• **What to work on**
The required output is the lines below from the line containing "#32=VERTEX_POINT('',#31);" to the line containing "#83=CARTESIAN_POINT('',(3.,1.586,0.7929));", inclusive, retyped exactly. No other lines belong in it.
━━ The data
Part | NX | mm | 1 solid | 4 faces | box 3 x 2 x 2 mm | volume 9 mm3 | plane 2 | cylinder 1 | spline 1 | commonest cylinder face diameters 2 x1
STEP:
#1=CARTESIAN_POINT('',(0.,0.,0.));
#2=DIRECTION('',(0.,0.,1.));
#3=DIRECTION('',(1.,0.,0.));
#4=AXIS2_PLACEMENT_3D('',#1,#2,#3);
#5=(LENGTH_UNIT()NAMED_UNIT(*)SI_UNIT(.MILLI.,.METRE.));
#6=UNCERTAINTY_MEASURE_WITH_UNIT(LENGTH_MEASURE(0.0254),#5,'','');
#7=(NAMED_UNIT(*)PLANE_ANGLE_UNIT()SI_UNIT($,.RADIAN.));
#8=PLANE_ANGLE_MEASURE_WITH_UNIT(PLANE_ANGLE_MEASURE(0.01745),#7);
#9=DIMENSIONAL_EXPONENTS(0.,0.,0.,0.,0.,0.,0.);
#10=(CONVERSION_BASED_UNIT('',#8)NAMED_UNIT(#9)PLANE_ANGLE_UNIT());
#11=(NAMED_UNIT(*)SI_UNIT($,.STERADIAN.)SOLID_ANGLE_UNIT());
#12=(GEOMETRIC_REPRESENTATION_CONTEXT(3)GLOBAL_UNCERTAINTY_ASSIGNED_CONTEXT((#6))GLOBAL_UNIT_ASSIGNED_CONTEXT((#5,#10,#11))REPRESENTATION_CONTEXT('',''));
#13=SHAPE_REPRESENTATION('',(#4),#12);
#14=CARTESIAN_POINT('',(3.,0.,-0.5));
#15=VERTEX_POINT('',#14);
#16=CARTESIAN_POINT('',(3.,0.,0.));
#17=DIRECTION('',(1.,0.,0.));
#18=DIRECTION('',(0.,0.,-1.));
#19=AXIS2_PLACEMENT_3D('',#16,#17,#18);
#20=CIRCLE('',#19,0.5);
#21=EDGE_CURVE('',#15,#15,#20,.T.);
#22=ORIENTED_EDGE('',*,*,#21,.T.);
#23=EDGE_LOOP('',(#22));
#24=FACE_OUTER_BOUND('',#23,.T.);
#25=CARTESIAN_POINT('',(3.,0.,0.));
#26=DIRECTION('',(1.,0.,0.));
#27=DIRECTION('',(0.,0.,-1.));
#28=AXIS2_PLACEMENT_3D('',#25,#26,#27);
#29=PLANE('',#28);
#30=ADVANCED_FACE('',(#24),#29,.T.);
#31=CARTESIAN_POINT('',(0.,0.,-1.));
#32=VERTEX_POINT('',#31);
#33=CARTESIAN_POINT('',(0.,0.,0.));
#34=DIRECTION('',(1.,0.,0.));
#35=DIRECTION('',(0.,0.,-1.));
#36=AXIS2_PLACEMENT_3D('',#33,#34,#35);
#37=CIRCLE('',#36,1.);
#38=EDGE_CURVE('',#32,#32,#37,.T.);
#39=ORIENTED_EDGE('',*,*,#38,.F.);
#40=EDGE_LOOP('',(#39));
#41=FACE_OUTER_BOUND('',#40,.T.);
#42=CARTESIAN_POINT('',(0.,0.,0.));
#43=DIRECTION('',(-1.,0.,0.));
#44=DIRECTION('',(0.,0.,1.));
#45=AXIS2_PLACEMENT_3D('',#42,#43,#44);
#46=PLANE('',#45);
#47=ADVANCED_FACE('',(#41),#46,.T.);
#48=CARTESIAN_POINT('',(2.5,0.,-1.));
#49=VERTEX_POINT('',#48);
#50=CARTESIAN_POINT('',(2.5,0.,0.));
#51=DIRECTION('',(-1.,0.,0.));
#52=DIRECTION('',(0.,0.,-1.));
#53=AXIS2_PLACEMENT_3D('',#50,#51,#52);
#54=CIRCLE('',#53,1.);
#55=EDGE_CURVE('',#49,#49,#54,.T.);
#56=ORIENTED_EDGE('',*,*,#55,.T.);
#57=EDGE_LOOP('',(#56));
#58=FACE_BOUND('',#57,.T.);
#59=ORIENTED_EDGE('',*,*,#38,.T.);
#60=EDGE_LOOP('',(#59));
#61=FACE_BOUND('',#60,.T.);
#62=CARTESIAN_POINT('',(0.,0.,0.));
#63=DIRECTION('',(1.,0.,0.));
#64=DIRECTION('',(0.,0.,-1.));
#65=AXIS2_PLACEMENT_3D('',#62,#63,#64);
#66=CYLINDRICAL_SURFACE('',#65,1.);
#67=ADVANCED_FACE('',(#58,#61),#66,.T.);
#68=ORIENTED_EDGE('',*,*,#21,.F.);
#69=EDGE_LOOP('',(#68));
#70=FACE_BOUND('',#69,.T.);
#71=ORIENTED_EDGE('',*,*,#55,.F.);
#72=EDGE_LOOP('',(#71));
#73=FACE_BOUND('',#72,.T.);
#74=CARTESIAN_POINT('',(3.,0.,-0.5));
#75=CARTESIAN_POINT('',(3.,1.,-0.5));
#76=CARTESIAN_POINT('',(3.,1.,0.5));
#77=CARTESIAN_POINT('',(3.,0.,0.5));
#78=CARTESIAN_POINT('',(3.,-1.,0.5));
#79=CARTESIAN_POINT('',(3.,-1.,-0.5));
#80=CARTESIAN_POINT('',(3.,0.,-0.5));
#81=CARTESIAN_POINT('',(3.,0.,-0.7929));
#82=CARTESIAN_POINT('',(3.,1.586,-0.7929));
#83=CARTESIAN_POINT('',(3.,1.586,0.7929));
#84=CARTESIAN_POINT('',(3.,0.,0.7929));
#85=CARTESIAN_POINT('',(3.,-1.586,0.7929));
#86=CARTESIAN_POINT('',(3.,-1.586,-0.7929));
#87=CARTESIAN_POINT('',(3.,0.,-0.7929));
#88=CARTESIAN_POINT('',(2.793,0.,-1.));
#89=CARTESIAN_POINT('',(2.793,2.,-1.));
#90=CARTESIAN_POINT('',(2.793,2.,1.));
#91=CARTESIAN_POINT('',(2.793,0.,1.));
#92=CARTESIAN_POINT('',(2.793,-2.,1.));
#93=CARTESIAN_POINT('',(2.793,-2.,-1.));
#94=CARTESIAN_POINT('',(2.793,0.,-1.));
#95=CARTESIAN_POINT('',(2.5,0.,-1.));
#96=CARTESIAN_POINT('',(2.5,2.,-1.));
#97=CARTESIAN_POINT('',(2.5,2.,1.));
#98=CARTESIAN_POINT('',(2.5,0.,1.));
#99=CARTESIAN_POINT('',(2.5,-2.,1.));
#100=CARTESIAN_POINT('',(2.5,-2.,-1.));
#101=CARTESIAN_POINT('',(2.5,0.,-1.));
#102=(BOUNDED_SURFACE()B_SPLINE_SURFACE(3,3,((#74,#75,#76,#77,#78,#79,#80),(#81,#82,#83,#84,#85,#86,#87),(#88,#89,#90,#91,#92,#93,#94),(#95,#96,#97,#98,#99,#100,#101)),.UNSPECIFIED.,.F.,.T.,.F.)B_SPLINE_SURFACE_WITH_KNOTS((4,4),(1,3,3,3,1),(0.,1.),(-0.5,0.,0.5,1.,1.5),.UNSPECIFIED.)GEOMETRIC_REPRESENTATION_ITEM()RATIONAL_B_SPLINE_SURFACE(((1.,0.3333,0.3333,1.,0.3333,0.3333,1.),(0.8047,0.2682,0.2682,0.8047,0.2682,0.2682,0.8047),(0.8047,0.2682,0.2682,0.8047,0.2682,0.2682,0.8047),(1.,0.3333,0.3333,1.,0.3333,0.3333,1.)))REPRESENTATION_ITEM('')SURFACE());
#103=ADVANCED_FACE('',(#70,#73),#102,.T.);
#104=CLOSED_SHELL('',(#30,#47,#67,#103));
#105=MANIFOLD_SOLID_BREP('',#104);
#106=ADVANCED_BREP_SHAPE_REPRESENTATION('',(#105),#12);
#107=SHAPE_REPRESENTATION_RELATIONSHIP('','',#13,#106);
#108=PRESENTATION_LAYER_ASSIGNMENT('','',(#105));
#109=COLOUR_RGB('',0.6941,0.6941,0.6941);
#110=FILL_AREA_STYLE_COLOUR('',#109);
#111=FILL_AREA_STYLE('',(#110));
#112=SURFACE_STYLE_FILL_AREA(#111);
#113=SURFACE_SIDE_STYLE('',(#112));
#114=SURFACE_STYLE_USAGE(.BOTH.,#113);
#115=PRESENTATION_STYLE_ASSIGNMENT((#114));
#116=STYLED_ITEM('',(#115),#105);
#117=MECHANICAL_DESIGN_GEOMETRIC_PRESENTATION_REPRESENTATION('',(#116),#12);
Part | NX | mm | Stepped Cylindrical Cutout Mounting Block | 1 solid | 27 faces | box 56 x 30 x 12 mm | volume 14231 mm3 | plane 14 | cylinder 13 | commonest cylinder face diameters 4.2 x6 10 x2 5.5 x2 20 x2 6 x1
━━━━
• **Answer box**
#32=VERTEX_POINT('',#31);
#33=CARTESIAN_POINT('',(0.,0.,0.));
#34=DIRECTION('',(1.,0.,0.));
#35=DIRECTION('',(0.,0.,-1.));
#36=AXIS2_PLACEMENT_3D('',#33,#34,#35);
#37=CIRCLE('',#36,1.);
#38=EDGE_CURVE('',#32,#32,#37,.T.);
#39=ORIENTED_EDGE('',*,*,#38,.F.);
#40=EDGE_LOOP('',(#39));
#41=FACE_OUTER_BOUND('',#40,.T.);
#42=CARTESIAN_POINT('',(0.,0.,0.));
#43=DIRECTION('',(-1.,0.,0.));
#44=DIRECTION('',(0.,0.,1.));
#45=AXIS2_PLACEMENT_3D('',#42,#43,#44);
#46=PLANE('',#45);
#47=ADVANCED_FACE('',(#41),#46,.T.);
#48=CARTESIAN_POINT('',(2.5,0.,-1.));
#49=VERTEX_POINT('',#48);
#50=CARTESIAN_POINT('',(2.5,0.,0.));
#51=DIRECTION('',(-1.,0.,0.));
#52=DIRECTION('',(0.,0.,-1.));
#53=AXIS2_PLACEMENT_3D('',#50,#51,#52);
#54=CIRCLE('',#53,1.);
#55=EDGE_CURVE('',#49,#49,#54,.T.);
#56=ORIENTED_EDGE('',*,*,#55,.T.);
#57=EDGE_LOOP('',(#56));
#58=FACE_BOUND('',#57,.T.);
#59=ORIENTED_EDGE('',*,*,#38,.T.);
#60=EDGE_LOOP('',(#59));
#61=FACE_BOUND('',#60,.T.);
#62=CARTESIAN_POINT('',(0.,0.,0.));
#63=DIRECTION('',(1.,0.,0.));
#64=DIRECTION('',(0.,0.,-1.));
#65=AXIS2_PLACEMENT_3D('',#62,#63,#64);
#66=CYLINDRICAL_SURFACE('',#65,1.);
#67=ADVANCED_FACE('',(#58,#61),#66,.T.);
#68=ORIENTED_EDGE('',*,*,#21,.F.);
#69=EDGE_LOOP('',(#68));
#70=FACE_BOUND('',#69,.T.);
#71=ORIENTED_EDGE('',*,*,#55,.F.);
#72=EDGE_LOOP('',(#71));
#73=FACE_BOUND('',#72,.T.);
#74=CARTESIAN_POINT('',(3.,0.,-0.5));
#75=CARTESIAN_POINT('',(3.,1.,-0.5));
#76=CARTESIAN_POINT('',(3.,1.,0.5));
#77=CARTESIAN_POINT('',(3.,0.,0.5));
#78=CARTESIAN_POINT('',(3.,-1.,0.5));
#79=CARTESIAN_POINT('',(3.,-1.,-0.5));
#80=CARTESIAN_POINT('',(3.,0.,-0.5));
#81=CARTESIAN_POINT('',(3.,0.,-0.7929));
#82=CARTESIAN_POINT('',(3.,1.586,-0.7929));
#83=CARTESIAN_POINT('',(3.,1.586,0.7929));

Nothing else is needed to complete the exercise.